§ DATA FOR THIS EXERCISE
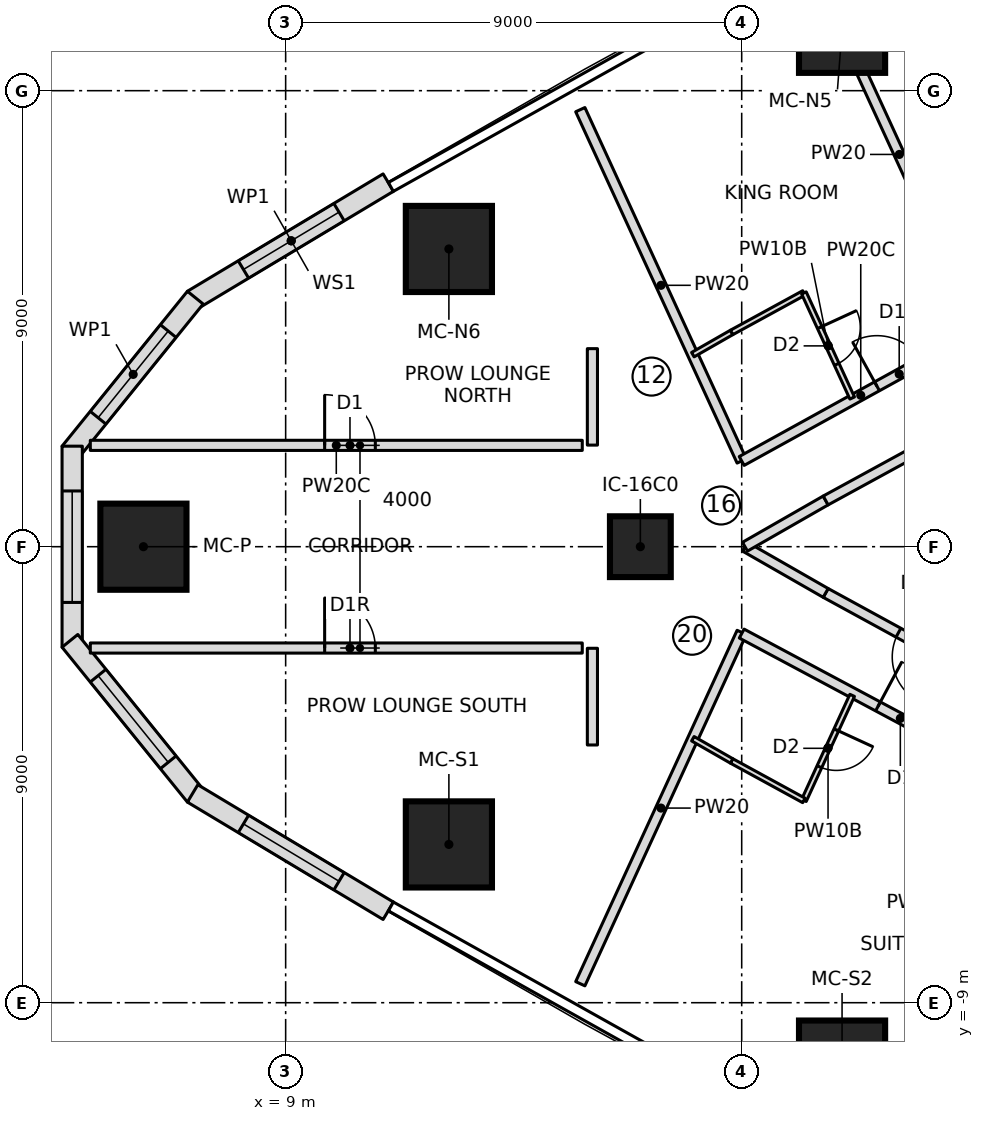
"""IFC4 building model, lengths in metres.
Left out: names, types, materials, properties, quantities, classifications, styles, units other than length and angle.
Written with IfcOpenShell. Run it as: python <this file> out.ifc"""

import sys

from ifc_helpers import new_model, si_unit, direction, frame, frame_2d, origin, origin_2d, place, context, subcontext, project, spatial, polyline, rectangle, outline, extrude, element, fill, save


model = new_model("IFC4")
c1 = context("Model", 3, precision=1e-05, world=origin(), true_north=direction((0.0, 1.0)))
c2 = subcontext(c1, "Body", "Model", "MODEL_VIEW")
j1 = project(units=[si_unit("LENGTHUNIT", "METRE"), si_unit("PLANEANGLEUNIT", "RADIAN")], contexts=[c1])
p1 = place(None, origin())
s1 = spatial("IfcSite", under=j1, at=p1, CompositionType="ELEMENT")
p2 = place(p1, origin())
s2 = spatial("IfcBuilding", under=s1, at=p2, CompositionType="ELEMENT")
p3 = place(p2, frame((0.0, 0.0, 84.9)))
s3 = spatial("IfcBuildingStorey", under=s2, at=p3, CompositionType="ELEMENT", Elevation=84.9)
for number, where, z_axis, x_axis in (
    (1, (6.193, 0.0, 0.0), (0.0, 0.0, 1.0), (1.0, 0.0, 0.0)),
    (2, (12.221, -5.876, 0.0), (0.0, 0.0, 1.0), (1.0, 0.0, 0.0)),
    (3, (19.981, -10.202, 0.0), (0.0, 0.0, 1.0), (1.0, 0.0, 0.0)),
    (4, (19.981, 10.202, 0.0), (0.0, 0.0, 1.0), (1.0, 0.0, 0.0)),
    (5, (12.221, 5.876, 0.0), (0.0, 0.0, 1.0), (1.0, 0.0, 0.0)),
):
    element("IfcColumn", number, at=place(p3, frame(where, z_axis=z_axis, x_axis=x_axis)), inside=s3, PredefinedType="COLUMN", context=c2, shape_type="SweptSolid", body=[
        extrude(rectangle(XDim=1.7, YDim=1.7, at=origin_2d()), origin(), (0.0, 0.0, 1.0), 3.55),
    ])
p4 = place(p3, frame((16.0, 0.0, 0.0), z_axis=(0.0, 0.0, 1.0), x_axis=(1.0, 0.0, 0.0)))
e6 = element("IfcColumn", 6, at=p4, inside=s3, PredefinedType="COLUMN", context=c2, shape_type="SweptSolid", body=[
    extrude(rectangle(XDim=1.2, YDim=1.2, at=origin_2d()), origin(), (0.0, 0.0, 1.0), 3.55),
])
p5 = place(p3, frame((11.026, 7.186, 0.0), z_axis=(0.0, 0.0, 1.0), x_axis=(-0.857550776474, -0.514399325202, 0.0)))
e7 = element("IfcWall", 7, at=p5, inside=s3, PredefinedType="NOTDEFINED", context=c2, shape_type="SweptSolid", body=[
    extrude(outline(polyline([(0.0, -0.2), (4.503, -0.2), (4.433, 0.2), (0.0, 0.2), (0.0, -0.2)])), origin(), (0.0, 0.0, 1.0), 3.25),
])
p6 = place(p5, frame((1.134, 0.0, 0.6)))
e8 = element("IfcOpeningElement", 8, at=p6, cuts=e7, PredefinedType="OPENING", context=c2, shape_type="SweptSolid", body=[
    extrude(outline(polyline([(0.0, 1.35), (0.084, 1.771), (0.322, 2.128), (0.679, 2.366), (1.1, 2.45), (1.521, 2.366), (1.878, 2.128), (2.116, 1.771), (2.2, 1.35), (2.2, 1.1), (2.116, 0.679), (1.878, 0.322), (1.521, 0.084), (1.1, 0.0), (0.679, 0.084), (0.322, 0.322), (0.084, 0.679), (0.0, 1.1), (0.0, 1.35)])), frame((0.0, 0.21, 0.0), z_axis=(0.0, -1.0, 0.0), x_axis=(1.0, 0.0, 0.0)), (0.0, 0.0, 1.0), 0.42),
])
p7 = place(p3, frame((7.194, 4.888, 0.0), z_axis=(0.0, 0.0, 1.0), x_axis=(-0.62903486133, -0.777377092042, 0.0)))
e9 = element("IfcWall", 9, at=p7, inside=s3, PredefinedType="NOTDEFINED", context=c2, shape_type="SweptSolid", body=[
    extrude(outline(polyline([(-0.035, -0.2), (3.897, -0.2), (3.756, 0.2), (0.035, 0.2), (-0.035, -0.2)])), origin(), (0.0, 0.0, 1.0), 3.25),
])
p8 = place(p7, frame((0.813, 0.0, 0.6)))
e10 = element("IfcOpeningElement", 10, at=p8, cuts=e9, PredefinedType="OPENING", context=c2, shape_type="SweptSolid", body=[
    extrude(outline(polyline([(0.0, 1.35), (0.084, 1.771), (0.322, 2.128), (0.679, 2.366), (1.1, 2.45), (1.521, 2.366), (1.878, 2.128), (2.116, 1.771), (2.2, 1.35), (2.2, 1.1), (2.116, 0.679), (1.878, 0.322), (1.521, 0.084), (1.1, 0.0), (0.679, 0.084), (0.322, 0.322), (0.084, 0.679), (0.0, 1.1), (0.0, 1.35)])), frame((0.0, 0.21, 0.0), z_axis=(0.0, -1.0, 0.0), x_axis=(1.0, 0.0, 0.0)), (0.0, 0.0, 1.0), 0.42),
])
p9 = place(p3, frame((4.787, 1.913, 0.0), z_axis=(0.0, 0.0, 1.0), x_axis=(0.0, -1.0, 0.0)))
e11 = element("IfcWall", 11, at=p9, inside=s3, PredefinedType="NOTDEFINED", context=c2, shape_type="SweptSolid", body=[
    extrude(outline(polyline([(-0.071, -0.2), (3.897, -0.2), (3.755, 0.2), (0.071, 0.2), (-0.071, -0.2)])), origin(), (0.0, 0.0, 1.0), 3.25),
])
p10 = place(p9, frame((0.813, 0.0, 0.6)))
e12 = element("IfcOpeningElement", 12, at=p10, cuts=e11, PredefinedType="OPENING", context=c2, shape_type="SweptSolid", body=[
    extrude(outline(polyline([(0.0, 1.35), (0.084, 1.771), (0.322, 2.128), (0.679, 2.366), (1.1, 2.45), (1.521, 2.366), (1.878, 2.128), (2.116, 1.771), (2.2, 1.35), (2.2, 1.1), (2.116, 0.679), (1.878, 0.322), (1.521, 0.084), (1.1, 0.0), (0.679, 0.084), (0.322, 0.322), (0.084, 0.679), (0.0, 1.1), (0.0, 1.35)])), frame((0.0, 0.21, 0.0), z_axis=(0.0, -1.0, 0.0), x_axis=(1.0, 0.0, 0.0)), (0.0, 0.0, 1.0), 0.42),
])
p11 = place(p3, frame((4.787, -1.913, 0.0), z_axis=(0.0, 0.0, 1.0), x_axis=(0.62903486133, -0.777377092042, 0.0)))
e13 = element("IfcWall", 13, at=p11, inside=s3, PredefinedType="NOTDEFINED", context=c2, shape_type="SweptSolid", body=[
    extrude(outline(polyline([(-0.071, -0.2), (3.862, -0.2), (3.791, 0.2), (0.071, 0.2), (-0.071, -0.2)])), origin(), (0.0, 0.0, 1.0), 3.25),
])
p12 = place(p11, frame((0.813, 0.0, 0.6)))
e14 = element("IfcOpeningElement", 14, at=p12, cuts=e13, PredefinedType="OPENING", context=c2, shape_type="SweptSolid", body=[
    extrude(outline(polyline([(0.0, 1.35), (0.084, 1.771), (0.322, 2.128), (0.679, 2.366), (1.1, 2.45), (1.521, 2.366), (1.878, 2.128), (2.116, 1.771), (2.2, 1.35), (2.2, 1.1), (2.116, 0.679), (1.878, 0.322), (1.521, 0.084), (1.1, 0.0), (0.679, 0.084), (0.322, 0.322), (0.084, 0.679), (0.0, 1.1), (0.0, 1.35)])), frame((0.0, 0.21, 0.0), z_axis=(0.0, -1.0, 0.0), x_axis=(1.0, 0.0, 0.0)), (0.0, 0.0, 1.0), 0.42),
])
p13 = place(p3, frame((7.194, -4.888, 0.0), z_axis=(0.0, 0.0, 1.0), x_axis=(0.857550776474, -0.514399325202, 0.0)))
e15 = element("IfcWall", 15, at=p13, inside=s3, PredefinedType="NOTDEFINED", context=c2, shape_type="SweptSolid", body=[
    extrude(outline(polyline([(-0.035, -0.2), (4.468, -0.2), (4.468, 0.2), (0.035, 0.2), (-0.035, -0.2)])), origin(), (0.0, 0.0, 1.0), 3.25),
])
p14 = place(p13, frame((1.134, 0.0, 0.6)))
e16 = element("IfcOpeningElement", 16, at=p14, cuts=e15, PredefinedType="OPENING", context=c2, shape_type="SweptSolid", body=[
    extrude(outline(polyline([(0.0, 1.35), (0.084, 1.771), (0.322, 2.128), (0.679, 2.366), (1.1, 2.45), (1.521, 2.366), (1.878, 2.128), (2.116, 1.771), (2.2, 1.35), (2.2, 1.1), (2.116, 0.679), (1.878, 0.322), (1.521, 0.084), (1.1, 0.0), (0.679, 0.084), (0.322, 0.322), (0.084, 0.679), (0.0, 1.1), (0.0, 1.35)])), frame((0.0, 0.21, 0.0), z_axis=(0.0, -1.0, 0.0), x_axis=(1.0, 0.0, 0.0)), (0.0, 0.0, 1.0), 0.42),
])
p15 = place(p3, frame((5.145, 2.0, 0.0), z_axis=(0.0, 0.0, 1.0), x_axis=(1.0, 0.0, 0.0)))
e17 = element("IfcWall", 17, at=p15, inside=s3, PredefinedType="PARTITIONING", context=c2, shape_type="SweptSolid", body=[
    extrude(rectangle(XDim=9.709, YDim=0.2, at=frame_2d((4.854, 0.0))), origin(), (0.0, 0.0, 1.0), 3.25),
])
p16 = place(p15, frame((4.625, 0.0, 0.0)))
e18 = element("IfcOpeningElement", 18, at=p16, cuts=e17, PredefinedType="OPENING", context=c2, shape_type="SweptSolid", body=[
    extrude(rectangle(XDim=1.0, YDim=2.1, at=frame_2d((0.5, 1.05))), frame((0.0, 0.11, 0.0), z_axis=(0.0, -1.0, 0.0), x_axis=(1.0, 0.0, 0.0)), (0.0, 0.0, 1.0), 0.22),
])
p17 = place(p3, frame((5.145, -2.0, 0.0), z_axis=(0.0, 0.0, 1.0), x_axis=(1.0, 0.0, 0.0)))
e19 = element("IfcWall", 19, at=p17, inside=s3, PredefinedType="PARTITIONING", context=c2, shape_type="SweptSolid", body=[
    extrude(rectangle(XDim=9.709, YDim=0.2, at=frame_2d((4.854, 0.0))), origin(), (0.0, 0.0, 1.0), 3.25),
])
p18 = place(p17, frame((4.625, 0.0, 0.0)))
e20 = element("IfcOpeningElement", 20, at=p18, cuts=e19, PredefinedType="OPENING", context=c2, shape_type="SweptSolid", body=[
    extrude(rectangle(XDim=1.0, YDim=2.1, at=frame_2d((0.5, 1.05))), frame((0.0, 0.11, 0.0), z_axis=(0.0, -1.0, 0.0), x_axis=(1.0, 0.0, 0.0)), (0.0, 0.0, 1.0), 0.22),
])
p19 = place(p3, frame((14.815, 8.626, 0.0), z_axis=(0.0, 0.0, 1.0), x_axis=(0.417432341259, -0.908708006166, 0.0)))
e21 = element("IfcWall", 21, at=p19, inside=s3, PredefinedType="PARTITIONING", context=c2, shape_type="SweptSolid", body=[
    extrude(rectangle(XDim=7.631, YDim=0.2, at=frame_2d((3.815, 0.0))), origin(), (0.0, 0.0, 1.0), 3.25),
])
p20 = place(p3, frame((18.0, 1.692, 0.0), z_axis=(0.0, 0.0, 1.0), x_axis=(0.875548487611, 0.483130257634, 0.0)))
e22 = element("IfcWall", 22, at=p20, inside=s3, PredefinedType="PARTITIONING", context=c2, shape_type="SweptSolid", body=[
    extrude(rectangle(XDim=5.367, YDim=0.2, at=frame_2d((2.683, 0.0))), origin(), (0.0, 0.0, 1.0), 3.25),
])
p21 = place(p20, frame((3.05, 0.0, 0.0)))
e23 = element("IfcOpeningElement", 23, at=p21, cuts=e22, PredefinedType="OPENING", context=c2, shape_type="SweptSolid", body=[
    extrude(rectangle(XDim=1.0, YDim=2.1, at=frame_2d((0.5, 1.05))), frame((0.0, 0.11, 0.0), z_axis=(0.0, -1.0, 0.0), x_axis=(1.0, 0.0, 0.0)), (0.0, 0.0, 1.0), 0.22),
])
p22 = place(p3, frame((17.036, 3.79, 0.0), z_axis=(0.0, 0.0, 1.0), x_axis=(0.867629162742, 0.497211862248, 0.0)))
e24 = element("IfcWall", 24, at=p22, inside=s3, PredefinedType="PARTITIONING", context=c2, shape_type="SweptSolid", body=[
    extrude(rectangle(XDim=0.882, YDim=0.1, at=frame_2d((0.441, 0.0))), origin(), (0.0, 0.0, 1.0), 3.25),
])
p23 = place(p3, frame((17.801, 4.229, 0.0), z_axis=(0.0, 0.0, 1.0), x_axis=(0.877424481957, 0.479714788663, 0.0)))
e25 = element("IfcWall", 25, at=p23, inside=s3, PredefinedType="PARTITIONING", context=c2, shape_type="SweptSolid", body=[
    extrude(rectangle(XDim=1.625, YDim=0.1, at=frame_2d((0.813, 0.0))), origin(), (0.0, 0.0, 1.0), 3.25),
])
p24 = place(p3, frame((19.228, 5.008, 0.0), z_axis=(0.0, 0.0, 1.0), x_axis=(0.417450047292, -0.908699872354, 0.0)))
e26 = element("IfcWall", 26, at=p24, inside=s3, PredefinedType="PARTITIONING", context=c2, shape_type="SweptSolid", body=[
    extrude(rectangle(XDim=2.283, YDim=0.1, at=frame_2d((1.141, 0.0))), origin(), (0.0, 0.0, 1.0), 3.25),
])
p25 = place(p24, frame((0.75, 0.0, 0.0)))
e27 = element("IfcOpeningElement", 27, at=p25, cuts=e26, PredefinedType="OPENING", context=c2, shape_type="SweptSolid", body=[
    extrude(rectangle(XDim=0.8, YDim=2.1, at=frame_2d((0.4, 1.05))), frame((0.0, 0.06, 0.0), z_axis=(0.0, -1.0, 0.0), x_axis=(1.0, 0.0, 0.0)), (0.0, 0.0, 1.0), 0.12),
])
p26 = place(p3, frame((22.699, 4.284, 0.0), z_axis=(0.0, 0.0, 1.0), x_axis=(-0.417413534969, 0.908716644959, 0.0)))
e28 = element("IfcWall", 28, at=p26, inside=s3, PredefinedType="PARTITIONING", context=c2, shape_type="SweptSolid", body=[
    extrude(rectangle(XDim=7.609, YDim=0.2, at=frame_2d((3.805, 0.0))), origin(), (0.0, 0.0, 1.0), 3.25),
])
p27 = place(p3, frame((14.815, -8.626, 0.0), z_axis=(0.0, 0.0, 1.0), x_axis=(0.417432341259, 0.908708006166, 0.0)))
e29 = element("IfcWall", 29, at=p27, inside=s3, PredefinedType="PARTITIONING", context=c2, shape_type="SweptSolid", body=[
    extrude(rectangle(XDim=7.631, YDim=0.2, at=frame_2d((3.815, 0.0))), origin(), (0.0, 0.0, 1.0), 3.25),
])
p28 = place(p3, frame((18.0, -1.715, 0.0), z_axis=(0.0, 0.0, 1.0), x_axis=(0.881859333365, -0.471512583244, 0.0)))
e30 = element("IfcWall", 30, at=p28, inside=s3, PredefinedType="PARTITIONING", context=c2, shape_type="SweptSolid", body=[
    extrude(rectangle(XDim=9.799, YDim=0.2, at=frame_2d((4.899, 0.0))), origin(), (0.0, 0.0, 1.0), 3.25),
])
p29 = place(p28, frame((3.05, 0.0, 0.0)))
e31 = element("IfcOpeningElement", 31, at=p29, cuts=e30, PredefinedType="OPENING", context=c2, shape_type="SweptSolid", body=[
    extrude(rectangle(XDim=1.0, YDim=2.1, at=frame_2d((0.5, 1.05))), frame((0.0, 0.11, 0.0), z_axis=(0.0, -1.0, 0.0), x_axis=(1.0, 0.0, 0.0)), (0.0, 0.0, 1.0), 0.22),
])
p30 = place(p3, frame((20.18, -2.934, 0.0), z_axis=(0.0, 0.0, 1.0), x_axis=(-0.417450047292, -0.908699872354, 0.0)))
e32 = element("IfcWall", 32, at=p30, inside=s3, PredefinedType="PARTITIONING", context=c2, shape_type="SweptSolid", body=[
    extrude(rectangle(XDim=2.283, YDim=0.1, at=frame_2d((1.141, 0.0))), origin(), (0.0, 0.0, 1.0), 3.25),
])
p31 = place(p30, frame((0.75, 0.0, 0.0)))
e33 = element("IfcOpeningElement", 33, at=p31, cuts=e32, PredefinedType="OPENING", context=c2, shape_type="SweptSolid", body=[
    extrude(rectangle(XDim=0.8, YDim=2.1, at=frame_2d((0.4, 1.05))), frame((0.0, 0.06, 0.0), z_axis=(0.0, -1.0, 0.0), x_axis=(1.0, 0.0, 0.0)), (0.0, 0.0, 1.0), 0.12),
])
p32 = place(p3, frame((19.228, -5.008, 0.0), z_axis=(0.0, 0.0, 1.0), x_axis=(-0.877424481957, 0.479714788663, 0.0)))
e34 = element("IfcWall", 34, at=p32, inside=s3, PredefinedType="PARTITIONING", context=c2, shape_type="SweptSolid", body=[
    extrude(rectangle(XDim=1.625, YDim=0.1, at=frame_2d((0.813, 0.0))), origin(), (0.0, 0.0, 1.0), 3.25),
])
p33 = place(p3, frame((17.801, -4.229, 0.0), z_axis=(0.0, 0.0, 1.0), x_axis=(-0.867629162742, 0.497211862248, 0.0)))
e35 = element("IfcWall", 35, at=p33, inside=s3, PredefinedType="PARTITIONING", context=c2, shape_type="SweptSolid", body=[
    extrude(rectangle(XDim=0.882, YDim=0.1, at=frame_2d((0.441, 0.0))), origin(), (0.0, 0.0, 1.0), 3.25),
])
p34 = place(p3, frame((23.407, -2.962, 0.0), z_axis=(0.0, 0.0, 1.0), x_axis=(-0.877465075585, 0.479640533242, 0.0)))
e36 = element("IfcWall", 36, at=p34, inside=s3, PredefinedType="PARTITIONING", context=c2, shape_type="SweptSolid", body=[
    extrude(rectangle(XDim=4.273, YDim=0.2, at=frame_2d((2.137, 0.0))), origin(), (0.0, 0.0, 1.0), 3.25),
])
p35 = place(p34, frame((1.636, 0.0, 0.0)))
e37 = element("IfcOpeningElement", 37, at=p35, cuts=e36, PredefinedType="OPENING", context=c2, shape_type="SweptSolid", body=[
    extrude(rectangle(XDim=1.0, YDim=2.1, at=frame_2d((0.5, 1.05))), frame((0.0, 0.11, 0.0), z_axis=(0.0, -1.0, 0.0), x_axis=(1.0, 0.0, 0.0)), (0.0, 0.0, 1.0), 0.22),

§ TASK STATEMENT
Read through the material above, and whenever a line contains "subcontext", copy it.

§ FINAL ANSWER
from ifc_helpers import new_model, si_unit, direction, frame, frame_2d, origin, origin_2d, place, context, subcontext, project, spatial, polyline, rectangle, outline, extrude, element, fill, save
c2 = subcontext(c1, "Body", "Model", "MODEL_VIEW")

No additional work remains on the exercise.